Pull every line that includes the word "direction" out of the data below and copy it.

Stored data
= = = = =

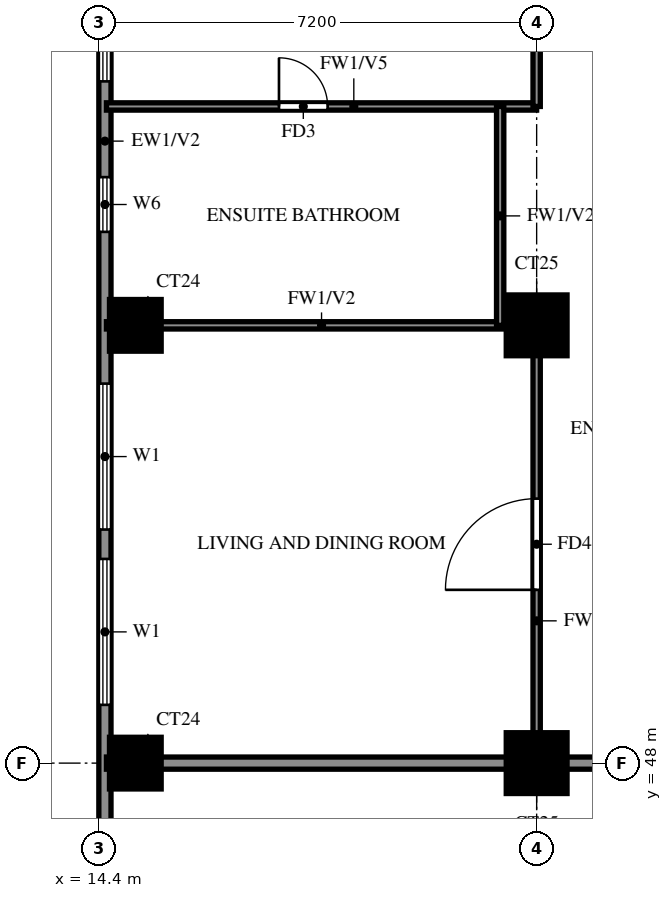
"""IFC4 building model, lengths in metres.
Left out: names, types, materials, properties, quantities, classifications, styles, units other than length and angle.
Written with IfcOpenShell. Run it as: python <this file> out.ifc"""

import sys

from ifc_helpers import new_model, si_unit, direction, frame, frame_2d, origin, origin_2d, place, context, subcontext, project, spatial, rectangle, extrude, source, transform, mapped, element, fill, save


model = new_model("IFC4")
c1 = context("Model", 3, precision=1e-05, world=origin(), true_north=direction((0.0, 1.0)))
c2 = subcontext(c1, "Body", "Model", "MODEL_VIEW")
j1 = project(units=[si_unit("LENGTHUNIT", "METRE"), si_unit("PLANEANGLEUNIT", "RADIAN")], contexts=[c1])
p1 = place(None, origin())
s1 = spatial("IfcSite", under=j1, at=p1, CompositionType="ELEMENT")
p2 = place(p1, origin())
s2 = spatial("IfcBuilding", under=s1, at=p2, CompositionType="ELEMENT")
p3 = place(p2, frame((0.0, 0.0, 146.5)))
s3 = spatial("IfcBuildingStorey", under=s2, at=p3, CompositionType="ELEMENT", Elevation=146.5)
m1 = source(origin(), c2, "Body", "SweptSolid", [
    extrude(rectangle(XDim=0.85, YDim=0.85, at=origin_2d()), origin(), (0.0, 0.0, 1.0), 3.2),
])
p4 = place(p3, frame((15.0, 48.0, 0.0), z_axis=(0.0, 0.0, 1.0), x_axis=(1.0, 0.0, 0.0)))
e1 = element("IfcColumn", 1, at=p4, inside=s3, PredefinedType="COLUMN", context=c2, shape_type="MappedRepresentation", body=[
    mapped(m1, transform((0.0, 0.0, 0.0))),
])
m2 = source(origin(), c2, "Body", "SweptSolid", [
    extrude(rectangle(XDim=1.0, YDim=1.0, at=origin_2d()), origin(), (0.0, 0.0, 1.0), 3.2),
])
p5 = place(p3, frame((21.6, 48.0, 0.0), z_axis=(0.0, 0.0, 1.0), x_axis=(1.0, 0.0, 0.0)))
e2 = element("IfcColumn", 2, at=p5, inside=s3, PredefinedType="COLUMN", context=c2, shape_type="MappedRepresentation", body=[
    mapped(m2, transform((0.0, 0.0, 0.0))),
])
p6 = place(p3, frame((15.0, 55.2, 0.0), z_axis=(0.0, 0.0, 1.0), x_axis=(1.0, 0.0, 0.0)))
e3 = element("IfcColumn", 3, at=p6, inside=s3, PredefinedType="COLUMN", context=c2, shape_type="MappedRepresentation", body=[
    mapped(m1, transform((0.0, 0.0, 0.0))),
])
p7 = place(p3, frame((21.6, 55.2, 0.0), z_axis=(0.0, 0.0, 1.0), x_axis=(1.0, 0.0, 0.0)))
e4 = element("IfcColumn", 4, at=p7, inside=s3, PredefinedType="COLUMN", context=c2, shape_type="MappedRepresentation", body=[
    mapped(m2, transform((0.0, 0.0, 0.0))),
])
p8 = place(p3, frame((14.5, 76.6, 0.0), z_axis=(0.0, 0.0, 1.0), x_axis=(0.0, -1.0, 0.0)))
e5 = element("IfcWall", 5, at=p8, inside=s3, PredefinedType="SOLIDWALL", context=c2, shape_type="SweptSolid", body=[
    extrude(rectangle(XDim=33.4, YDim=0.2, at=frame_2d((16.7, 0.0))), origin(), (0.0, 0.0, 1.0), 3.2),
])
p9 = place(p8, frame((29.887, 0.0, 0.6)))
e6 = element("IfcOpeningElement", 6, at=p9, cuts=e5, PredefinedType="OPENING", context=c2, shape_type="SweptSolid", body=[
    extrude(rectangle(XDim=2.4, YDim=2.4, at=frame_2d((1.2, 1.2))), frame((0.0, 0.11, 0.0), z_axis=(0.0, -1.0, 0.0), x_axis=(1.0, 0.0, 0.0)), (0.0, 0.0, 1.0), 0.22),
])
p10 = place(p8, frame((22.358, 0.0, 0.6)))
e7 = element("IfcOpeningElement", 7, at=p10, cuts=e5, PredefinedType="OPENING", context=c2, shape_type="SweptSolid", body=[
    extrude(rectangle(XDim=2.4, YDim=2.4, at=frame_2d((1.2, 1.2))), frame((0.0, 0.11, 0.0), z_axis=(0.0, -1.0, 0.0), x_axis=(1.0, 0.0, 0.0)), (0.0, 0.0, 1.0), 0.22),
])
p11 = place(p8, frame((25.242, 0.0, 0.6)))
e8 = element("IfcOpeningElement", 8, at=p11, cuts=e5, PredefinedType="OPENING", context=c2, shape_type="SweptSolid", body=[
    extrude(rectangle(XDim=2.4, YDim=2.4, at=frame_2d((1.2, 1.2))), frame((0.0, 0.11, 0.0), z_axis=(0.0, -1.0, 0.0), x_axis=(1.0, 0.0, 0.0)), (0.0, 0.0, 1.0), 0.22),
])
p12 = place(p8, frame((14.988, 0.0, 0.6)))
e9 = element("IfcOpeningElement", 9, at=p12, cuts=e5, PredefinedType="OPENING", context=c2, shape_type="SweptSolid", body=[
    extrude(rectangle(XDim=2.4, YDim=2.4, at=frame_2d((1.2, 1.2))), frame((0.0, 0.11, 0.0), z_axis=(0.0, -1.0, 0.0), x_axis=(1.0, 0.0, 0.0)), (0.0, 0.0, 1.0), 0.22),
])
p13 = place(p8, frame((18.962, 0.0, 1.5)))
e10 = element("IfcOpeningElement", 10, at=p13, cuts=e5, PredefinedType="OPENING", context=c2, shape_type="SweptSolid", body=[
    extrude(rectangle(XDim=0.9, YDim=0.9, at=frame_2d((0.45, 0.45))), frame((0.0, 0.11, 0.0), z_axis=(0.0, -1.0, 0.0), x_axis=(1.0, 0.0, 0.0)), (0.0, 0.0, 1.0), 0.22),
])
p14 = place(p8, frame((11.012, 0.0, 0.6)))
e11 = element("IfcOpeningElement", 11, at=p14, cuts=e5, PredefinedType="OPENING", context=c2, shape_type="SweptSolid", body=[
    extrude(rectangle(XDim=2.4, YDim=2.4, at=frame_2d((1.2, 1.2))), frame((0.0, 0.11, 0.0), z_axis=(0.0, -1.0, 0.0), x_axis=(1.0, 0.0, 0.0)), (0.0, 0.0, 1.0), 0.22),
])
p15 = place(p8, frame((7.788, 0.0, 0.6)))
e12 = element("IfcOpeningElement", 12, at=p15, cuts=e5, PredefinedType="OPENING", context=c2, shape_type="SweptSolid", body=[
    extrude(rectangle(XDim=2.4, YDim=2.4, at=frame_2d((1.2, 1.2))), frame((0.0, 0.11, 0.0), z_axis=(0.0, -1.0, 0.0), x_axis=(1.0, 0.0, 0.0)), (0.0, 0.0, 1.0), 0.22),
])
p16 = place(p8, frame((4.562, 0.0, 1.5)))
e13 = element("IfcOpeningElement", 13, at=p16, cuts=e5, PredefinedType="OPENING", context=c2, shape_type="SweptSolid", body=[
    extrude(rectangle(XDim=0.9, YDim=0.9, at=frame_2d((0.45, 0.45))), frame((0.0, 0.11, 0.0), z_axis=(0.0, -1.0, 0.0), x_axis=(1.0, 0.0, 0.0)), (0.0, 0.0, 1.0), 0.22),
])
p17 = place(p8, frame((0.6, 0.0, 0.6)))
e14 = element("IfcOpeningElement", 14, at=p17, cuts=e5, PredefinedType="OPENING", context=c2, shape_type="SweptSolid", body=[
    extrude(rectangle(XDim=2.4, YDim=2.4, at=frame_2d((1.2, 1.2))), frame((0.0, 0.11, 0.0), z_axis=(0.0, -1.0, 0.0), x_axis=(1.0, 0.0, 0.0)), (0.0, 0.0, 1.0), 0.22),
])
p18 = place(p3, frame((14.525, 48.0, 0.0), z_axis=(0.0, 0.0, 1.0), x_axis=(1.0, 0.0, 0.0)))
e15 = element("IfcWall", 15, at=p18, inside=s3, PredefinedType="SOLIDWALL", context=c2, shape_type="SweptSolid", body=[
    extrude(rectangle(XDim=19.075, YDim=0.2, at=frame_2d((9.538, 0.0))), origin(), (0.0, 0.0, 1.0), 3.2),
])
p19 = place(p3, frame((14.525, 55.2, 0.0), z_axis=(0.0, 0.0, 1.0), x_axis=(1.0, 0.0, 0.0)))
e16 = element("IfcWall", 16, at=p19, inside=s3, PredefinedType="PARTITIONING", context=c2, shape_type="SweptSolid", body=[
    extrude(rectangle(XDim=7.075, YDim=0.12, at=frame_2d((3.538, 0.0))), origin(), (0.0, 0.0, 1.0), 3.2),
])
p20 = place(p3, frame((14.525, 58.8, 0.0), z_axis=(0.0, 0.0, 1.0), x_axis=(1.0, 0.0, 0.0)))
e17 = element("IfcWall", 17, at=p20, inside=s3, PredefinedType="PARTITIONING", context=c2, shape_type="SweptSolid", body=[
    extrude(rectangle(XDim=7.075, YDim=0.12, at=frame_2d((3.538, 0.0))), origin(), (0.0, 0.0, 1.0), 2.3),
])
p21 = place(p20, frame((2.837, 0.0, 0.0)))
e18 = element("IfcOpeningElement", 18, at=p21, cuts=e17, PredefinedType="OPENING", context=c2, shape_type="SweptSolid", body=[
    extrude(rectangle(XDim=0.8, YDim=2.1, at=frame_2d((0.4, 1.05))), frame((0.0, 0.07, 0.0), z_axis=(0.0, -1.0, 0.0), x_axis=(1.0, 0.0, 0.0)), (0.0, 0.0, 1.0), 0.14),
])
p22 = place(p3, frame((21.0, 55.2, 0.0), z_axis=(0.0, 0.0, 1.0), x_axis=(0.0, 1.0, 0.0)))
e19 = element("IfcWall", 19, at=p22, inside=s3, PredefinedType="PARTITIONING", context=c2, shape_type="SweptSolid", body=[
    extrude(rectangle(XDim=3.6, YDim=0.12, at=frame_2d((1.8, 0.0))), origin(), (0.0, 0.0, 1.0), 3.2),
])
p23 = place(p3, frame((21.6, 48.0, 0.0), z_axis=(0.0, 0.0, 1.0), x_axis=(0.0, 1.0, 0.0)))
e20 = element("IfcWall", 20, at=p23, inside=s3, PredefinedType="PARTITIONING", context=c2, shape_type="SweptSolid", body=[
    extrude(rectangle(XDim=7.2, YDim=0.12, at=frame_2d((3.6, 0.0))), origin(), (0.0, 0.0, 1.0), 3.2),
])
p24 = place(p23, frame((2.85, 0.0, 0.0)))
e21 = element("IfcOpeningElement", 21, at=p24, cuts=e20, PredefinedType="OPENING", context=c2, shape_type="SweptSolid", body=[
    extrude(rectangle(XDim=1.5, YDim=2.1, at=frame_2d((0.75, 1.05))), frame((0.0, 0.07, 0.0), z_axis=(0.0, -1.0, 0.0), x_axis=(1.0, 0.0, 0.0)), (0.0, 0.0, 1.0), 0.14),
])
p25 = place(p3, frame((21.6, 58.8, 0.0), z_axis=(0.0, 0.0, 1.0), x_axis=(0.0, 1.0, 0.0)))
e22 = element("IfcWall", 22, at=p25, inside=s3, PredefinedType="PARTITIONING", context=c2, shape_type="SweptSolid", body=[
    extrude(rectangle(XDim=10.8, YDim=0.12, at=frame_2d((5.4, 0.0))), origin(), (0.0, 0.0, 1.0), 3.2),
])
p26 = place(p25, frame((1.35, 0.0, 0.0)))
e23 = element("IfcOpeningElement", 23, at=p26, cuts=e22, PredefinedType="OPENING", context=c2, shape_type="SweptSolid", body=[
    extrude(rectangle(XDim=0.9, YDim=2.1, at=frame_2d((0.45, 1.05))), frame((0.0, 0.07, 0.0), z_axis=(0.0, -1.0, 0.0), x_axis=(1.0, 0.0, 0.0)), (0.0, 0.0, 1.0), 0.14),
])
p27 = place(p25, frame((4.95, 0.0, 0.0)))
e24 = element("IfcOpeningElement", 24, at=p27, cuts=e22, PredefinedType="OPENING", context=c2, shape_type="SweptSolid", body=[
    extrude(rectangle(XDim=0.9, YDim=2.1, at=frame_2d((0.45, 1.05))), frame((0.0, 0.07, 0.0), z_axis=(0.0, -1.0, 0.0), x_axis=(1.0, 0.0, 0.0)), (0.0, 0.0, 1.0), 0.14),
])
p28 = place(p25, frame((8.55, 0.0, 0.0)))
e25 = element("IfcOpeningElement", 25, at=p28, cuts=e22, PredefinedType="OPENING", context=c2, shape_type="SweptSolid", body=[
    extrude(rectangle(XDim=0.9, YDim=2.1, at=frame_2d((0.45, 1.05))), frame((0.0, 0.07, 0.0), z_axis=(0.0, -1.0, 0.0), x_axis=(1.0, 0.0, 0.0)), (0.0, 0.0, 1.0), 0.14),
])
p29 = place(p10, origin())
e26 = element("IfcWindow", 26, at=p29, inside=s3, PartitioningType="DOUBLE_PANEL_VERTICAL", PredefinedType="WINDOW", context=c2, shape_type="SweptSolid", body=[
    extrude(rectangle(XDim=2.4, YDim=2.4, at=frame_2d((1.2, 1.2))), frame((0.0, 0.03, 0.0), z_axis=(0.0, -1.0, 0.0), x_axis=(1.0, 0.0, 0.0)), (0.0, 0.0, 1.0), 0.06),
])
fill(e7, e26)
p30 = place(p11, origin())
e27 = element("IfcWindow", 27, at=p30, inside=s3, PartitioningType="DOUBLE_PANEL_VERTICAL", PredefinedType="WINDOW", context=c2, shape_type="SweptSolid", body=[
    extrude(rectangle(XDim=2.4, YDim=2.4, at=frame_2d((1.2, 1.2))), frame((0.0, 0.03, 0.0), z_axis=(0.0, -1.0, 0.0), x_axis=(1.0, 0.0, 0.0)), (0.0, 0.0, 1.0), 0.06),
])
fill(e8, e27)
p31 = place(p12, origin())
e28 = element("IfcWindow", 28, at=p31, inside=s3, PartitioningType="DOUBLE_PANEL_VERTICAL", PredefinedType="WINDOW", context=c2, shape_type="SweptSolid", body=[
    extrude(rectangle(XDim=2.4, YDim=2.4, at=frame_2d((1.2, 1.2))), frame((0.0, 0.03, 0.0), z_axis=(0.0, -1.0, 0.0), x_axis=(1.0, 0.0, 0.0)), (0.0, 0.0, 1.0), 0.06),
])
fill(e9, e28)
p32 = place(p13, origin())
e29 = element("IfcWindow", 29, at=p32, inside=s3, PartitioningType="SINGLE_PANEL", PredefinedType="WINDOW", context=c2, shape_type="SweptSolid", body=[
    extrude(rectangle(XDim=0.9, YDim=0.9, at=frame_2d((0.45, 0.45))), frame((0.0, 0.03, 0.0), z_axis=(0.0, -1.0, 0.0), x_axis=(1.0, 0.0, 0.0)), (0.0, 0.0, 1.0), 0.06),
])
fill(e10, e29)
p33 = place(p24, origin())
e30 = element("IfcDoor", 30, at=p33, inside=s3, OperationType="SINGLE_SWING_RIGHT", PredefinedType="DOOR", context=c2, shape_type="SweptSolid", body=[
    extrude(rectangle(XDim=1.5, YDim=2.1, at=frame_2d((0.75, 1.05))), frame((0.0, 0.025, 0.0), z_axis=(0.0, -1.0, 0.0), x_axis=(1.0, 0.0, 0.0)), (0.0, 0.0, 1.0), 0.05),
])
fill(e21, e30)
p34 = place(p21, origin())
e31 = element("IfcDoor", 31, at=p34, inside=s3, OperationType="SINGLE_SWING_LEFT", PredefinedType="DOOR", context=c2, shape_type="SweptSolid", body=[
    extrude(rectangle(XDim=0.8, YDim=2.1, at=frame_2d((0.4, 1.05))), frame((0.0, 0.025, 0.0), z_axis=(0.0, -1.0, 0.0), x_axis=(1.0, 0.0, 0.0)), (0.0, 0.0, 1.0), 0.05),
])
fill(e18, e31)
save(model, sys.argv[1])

= = = = =

Task answer
from ifc_helpers import new_model, si_unit, direction, frame, frame_2d, origin, origin_2d, place, context, subcontext, project, spatial, rectangle, extrude, source, transform, mapped, element, fill, save
c1 = context("Model", 3, precision=1e-05, world=origin(), true_north=direction((0.0, 1.0)))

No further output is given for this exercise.